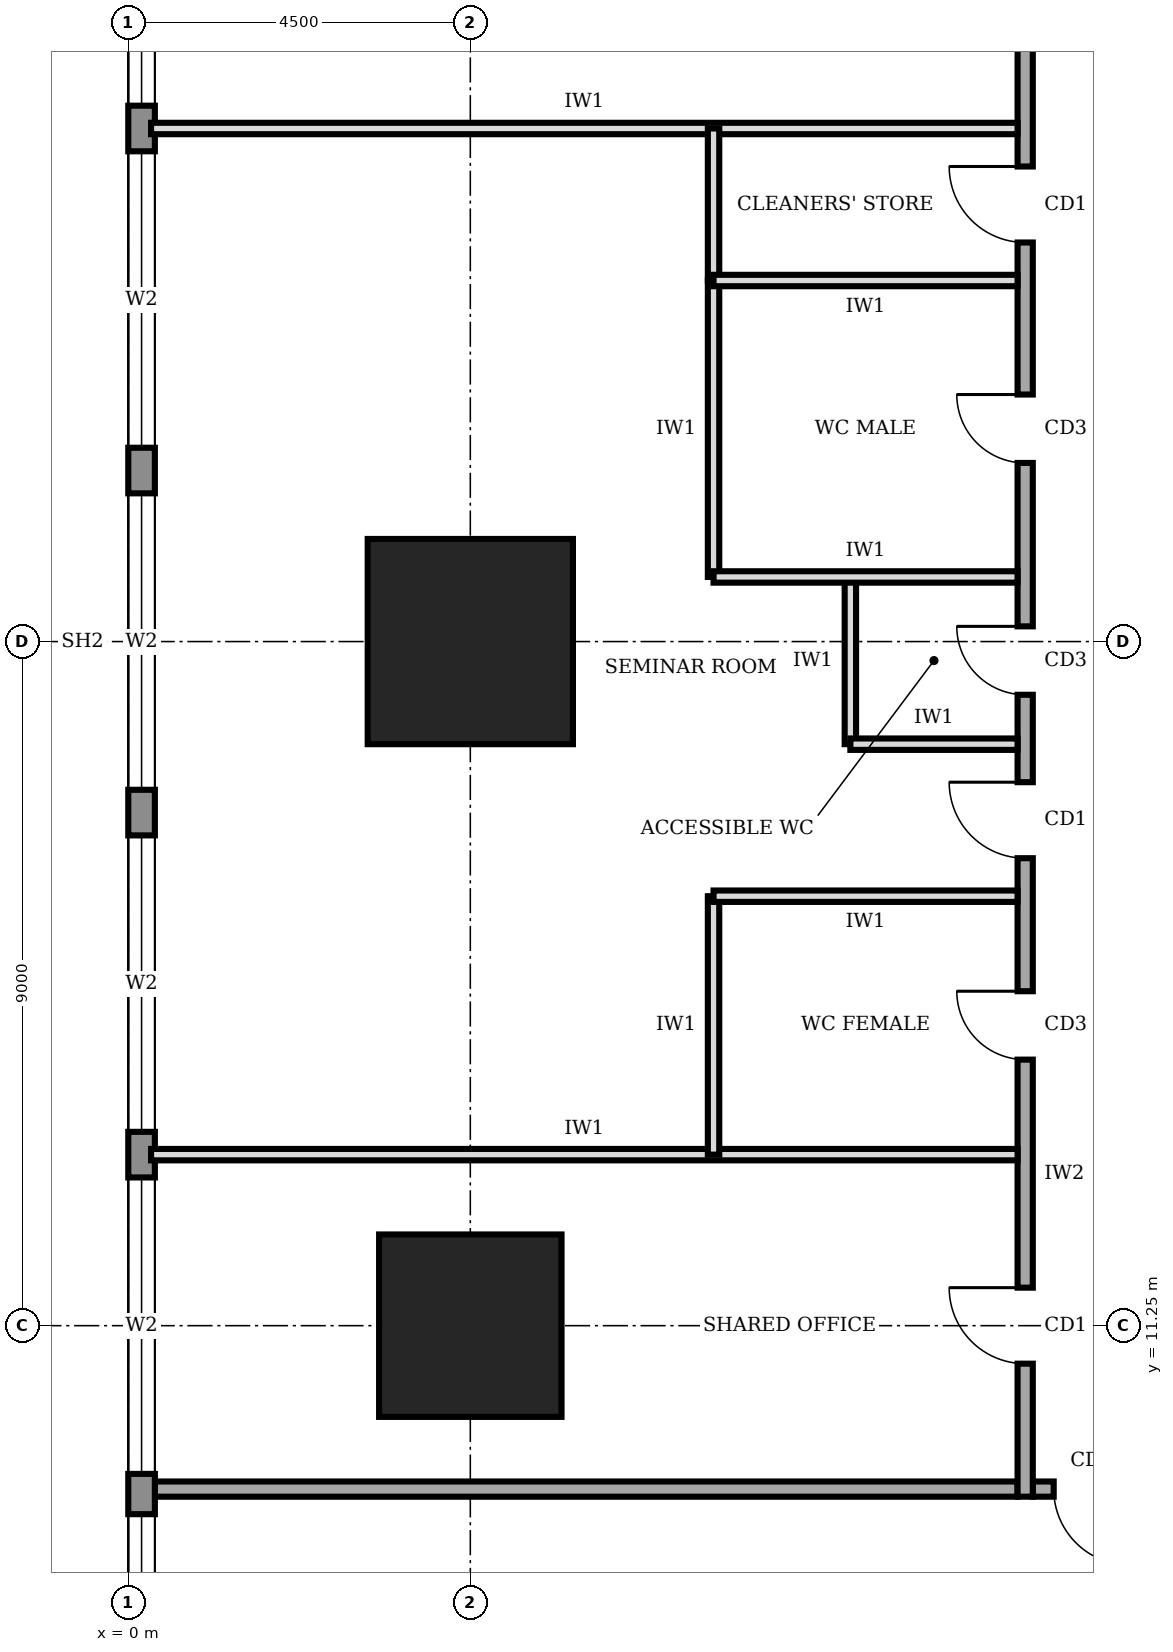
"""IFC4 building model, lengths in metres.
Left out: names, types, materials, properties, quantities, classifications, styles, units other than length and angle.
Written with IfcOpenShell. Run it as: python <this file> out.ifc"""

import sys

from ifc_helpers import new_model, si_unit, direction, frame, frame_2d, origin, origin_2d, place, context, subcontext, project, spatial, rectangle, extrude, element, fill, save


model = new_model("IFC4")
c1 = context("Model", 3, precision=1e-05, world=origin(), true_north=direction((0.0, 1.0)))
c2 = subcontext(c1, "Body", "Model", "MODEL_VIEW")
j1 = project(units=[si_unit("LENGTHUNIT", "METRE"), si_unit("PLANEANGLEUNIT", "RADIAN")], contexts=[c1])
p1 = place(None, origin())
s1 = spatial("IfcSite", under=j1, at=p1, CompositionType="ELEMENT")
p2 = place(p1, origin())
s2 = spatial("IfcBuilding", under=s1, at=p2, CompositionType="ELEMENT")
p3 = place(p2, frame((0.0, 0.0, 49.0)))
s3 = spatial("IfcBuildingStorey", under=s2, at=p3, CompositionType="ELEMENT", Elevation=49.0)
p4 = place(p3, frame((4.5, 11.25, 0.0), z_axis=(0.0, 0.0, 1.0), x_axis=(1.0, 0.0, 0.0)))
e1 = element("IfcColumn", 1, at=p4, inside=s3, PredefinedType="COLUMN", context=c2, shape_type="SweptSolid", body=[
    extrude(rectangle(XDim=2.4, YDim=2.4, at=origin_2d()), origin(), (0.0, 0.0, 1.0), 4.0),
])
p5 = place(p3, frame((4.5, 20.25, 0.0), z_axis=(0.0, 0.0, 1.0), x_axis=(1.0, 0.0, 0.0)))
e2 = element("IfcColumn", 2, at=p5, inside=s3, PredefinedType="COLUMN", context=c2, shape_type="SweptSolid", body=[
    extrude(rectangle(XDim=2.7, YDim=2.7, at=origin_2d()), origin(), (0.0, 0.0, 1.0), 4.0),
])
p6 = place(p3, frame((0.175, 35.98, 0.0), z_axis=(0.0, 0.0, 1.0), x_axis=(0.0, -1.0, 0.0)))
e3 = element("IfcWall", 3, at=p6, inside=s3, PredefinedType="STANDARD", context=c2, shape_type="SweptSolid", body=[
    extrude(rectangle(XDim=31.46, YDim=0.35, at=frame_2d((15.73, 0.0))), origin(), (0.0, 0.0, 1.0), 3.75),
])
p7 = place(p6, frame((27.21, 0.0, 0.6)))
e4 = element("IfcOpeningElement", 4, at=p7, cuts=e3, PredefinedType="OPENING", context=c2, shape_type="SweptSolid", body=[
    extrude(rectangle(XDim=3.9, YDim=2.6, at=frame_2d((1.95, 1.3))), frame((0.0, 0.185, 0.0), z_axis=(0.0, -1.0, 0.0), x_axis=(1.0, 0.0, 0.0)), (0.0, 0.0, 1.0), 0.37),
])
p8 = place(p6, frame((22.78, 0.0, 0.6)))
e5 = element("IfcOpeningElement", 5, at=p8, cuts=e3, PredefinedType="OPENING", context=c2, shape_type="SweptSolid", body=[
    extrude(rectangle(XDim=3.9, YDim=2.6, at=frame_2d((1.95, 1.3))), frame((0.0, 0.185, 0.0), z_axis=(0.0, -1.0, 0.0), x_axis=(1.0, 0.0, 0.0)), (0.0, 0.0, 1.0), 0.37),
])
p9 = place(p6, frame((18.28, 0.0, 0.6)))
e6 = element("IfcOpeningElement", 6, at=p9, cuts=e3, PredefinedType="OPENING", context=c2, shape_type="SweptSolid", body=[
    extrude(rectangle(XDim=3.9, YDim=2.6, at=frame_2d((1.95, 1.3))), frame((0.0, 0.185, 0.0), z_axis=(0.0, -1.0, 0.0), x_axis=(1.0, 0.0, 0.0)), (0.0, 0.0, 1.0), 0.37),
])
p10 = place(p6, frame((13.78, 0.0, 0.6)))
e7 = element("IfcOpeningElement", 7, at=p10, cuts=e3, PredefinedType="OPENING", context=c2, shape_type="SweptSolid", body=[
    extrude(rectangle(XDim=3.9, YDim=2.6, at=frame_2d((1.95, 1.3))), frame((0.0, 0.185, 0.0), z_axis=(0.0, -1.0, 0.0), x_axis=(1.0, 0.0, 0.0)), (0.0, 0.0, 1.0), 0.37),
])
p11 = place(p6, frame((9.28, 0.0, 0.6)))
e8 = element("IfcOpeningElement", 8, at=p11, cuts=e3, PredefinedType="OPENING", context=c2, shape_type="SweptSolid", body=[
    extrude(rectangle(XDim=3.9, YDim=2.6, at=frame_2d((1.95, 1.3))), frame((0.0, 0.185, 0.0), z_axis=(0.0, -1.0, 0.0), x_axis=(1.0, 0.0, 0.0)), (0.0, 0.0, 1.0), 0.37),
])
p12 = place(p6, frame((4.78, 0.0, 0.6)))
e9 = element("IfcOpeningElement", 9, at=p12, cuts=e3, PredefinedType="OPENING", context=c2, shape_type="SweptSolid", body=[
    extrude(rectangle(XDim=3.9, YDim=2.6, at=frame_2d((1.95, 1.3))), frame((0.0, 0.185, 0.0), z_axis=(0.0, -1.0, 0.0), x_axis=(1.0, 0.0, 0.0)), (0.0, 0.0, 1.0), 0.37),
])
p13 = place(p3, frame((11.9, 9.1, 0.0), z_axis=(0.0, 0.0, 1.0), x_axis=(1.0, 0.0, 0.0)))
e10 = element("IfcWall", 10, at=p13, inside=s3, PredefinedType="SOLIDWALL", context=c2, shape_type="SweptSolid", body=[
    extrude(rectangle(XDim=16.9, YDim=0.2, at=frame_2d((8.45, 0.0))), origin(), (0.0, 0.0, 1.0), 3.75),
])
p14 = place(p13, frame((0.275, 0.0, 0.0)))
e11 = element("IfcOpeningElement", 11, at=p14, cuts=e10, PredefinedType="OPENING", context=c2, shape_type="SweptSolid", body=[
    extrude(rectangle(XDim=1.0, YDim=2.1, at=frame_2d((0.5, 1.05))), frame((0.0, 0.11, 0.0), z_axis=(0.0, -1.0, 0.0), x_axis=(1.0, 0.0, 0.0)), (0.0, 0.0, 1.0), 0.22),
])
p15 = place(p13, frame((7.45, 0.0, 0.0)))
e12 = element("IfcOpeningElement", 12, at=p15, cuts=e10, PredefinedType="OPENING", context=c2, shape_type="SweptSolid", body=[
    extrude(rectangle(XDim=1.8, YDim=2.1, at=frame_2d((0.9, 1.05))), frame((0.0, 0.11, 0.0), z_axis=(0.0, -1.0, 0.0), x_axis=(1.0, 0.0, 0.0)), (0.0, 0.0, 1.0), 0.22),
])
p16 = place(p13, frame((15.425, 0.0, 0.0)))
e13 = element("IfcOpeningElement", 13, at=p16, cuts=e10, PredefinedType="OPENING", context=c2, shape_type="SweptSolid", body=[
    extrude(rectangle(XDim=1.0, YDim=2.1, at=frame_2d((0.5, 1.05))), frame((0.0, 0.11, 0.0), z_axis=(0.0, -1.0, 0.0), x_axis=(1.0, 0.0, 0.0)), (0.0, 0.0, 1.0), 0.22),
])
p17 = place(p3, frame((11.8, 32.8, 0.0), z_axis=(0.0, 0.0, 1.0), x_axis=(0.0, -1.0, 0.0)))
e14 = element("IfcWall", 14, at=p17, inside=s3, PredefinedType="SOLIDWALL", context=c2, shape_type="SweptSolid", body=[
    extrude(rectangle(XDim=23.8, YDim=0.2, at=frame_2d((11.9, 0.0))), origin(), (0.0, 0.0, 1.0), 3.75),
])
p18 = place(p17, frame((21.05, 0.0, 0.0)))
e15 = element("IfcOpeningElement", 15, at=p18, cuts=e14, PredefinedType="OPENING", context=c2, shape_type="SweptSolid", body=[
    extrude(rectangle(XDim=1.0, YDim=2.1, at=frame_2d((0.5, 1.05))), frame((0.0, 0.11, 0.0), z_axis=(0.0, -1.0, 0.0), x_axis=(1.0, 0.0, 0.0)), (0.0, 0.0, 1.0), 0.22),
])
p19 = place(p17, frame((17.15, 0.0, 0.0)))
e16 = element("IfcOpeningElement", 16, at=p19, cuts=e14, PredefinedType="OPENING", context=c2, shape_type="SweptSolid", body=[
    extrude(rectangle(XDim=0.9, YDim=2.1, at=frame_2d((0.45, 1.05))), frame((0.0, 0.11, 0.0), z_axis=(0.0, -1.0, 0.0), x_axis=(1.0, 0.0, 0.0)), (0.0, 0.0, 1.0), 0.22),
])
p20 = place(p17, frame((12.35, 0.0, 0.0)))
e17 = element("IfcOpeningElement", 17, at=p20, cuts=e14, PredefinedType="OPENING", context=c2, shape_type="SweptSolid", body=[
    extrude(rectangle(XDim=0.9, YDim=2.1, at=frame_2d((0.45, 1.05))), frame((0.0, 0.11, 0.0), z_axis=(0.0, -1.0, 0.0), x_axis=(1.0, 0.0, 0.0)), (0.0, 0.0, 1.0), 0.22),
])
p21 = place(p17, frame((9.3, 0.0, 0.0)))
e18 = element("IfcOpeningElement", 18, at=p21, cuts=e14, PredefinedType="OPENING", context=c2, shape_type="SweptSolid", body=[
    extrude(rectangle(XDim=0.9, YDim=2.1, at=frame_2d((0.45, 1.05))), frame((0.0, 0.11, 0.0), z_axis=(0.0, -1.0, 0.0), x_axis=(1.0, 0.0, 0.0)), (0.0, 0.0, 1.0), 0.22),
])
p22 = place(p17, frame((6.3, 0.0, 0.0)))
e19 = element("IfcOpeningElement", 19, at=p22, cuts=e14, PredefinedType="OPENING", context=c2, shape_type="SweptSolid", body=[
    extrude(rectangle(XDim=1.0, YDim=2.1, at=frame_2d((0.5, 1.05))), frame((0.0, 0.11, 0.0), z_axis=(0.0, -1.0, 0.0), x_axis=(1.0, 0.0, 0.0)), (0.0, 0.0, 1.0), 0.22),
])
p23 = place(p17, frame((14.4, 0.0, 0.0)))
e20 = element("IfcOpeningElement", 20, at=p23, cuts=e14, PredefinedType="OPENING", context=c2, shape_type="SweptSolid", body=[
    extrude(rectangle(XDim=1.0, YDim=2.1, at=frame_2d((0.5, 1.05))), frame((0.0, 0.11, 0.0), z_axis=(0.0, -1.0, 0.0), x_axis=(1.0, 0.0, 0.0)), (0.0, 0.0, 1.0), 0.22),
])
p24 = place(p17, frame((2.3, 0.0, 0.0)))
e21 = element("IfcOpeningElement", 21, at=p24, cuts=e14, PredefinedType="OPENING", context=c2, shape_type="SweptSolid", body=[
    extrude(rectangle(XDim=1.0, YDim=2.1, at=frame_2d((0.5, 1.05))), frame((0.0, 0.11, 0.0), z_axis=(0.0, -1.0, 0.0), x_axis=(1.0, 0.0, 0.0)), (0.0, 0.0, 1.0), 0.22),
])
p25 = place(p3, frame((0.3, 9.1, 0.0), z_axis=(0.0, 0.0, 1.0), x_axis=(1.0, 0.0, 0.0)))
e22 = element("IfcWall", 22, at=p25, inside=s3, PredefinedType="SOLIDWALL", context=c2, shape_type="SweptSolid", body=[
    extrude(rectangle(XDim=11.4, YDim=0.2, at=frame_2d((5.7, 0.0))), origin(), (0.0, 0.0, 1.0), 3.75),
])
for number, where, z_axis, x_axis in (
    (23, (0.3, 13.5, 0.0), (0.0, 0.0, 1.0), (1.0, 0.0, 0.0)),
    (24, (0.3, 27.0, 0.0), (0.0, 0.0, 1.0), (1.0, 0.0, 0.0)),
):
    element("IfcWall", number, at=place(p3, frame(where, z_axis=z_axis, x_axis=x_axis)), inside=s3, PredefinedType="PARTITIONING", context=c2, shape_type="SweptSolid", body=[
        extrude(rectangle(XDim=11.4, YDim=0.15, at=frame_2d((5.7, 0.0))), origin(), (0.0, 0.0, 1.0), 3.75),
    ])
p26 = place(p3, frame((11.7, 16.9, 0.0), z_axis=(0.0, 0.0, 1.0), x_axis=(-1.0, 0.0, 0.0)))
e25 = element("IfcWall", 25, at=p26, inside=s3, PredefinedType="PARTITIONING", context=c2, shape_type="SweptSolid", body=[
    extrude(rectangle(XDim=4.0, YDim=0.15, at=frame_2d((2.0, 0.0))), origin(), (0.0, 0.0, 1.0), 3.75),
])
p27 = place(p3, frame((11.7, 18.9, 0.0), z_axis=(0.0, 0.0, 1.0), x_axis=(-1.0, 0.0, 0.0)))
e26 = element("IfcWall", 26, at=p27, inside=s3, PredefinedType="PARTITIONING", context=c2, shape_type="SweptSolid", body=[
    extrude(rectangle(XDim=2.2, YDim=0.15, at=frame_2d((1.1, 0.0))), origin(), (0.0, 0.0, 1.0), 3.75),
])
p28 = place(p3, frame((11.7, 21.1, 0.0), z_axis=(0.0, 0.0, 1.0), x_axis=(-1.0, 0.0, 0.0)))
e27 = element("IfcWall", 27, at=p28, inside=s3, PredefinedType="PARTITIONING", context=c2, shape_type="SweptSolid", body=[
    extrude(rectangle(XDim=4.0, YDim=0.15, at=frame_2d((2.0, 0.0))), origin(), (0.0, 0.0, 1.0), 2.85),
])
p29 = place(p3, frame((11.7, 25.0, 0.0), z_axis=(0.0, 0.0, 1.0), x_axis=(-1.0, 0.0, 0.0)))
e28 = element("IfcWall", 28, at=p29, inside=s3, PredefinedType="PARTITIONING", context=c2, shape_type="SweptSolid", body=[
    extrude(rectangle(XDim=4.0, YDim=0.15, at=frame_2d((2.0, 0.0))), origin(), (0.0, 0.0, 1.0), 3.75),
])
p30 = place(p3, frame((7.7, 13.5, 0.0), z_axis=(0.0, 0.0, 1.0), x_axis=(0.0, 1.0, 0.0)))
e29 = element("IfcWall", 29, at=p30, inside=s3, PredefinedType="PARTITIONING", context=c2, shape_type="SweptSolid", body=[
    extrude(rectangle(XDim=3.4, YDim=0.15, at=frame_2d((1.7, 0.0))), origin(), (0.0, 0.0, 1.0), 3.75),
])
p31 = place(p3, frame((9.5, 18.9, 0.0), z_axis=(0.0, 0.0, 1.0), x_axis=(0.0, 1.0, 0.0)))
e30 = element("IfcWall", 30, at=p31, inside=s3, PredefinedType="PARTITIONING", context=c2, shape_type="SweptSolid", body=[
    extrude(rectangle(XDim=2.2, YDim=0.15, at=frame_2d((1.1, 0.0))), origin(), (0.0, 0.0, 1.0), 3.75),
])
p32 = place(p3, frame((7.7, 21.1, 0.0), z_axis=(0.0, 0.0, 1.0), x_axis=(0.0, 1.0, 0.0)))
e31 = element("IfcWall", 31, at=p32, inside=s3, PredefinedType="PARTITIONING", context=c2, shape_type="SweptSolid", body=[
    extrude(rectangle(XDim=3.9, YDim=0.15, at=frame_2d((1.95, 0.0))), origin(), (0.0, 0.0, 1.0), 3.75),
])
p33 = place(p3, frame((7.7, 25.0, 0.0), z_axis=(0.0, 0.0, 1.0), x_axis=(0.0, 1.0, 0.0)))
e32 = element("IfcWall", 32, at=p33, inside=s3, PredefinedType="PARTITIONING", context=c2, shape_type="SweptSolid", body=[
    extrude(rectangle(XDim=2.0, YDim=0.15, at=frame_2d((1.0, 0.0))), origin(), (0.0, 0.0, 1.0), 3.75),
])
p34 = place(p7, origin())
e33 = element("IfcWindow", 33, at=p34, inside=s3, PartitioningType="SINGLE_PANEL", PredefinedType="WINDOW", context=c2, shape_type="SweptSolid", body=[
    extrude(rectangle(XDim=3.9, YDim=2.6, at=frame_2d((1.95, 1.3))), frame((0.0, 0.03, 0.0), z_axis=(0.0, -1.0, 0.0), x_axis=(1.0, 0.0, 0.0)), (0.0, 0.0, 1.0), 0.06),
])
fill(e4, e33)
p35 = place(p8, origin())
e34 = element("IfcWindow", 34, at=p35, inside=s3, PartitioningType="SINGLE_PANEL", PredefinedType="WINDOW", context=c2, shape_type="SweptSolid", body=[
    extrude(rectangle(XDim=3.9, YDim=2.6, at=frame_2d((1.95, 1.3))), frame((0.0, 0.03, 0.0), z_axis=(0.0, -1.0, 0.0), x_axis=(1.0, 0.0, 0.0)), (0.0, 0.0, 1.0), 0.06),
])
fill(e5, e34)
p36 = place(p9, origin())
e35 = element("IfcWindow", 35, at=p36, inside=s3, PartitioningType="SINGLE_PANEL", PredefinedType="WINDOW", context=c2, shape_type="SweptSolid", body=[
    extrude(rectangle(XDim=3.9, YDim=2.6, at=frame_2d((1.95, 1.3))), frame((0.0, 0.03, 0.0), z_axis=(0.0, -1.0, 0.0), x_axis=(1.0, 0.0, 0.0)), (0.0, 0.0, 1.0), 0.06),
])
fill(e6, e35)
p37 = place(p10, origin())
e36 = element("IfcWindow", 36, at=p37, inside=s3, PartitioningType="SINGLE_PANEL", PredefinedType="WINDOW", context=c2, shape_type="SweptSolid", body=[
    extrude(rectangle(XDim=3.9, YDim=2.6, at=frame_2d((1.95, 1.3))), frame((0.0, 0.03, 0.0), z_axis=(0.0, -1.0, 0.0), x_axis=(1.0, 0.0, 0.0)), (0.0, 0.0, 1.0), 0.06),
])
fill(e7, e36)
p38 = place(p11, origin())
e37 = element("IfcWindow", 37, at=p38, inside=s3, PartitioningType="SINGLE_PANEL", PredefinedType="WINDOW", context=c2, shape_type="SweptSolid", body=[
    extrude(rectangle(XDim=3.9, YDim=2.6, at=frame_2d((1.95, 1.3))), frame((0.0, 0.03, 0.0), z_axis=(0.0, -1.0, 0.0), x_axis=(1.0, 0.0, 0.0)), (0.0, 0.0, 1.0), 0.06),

════════════════

To do: Starting at the line above that contains "p22 = place(p17, frame((6.3, 0.0, 0.0)))", write out each line exactly until the line that contains "p24 = place(p17, frame((2.3, 0.0, 0.0)))" has been written, and stop there.

Solution:
p22 = place(p17, frame((6.3, 0.0, 0.0)))
e19 = element("IfcOpeningElement", 19, at=p22, cuts=e14, PredefinedType="OPENING", context=c2, shape_type="SweptSolid", body=[
    extrude(rectangle(XDim=1.0, YDim=2.1, at=frame_2d((0.5, 1.05))), frame((0.0, 0.11, 0.0), z_axis=(0.0, -1.0, 0.0), x_axis=(1.0, 0.0, 0.0)), (0.0, 0.0, 1.0), 0.22),
])
p23 = place(p17, frame((14.4, 0.0, 0.0)))
e20 = element("IfcOpeningElement", 20, at=p23, cuts=e14, PredefinedType="OPENING", context=c2, shape_type="SweptSolid", body=[
    extrude(rectangle(XDim=1.0, YDim=2.1, at=frame_2d((0.5, 1.05))), frame((0.0, 0.11, 0.0), z_axis=(0.0, -1.0, 0.0), x_axis=(1.0, 0.0, 0.0)), (0.0, 0.0, 1.0), 0.22),
])
p24 = place(p17, frame((2.3, 0.0, 0.0)))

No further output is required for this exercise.